Exercise materials:

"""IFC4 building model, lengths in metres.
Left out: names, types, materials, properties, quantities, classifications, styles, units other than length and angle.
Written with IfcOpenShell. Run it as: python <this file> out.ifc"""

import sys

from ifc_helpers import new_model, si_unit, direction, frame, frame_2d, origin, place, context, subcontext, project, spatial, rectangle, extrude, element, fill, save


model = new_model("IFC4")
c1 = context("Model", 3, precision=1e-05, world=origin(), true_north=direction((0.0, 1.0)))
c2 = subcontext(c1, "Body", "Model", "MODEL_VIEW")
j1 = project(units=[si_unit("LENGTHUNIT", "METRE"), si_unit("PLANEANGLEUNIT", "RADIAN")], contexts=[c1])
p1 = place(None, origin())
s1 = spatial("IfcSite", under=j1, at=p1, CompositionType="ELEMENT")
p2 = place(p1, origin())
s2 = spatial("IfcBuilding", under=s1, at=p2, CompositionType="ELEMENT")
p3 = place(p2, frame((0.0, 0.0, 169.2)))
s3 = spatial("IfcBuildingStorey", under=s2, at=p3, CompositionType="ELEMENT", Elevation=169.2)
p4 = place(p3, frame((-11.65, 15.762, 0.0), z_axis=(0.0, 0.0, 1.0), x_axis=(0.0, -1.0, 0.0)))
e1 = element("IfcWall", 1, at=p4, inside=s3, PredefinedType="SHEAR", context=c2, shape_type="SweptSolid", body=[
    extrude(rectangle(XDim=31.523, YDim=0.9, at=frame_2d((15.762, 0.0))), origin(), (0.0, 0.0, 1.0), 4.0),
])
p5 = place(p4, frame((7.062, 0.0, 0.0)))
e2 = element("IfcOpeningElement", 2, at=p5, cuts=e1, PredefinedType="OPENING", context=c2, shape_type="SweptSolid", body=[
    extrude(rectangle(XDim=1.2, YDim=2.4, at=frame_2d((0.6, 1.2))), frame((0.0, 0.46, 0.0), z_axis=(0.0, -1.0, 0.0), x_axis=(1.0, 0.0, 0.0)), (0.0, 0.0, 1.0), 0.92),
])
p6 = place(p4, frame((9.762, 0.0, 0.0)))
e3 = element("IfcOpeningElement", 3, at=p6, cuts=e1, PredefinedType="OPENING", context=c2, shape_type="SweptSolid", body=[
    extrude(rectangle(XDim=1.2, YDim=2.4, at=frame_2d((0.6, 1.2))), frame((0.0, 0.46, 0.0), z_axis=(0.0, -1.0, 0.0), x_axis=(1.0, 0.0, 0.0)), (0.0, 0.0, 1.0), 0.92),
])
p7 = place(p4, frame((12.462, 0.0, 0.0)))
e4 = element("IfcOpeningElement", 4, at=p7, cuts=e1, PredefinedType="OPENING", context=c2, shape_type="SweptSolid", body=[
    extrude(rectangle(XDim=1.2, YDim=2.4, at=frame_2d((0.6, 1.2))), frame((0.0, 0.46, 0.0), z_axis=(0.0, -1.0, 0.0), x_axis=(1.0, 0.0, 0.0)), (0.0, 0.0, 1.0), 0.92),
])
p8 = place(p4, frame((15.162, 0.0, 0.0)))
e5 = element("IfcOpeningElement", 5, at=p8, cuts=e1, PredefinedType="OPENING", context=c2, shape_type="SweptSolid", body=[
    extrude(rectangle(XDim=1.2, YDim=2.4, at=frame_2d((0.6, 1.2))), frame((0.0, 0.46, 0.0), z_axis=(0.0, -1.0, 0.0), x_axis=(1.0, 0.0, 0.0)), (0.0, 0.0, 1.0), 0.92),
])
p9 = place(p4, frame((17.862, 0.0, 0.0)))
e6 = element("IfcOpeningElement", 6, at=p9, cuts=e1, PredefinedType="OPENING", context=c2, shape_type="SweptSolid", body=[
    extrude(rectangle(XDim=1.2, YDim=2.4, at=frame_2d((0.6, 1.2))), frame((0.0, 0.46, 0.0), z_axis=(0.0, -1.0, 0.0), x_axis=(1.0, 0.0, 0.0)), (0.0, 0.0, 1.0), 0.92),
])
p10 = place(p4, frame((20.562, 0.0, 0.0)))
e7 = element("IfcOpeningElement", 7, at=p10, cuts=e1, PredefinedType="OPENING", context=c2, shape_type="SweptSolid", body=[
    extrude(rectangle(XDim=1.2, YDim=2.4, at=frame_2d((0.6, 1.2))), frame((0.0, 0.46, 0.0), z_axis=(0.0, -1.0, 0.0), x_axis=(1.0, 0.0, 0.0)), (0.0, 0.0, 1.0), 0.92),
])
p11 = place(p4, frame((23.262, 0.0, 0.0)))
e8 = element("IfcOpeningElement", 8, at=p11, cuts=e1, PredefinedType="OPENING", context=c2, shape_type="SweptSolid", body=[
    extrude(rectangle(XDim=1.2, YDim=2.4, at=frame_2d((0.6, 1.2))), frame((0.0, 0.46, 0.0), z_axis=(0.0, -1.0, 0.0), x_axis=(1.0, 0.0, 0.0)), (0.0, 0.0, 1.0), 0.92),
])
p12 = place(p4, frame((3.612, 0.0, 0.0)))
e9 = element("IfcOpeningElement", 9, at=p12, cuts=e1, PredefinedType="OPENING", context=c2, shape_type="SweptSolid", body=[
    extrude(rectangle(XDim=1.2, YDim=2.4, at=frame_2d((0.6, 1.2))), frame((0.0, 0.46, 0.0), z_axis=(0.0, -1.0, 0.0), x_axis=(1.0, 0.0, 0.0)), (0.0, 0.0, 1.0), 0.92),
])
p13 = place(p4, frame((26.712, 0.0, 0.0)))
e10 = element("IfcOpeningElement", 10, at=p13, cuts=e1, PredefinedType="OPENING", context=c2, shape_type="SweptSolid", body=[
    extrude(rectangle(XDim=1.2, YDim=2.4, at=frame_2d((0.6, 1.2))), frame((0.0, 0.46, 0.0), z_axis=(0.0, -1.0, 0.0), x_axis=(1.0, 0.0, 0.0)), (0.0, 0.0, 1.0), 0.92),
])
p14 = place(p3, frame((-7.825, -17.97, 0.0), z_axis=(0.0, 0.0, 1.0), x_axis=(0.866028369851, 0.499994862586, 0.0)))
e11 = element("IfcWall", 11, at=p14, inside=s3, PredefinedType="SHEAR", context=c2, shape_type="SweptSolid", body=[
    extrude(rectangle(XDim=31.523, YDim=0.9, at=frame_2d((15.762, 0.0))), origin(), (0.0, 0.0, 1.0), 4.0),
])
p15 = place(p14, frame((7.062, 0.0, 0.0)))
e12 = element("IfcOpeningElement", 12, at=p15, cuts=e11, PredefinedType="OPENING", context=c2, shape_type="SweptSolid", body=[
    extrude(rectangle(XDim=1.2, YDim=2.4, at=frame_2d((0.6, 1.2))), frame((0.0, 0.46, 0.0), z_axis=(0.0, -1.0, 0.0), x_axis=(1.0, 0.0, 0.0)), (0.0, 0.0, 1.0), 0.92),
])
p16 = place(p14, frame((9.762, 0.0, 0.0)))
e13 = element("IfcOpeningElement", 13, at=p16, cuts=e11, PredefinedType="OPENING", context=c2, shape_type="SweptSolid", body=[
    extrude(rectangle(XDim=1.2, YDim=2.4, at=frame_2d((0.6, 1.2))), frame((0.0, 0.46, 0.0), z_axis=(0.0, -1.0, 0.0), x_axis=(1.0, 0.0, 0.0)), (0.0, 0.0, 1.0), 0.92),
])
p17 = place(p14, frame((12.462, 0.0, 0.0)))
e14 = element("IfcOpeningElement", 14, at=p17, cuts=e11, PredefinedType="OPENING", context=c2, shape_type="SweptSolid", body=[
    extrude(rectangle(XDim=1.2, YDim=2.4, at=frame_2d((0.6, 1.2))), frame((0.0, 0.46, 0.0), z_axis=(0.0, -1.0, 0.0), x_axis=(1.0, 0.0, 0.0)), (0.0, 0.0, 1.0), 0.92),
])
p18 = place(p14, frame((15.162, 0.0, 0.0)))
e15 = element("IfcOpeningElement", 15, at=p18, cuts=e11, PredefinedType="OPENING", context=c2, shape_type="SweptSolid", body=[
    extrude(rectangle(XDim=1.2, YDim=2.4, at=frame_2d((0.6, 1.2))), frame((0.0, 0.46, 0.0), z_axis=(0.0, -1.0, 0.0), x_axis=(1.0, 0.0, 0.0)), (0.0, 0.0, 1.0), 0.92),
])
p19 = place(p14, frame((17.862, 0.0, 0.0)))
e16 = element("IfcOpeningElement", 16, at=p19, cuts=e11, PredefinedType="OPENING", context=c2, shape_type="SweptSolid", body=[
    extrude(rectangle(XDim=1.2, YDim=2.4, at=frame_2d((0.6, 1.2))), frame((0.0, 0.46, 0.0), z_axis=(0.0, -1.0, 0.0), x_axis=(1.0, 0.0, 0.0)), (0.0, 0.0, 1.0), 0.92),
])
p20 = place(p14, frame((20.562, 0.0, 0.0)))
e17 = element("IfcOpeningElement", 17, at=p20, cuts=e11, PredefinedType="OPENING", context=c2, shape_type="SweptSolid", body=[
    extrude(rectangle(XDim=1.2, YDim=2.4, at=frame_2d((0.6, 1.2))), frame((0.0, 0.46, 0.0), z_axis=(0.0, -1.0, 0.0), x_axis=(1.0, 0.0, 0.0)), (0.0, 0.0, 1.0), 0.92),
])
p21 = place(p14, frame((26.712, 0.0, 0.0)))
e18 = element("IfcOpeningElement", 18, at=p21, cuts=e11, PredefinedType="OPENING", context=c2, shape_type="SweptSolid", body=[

Exercise brief:
Nothing but a number should be given: the count of lines above in which the word "CompositionType" occurs.

Response area:
3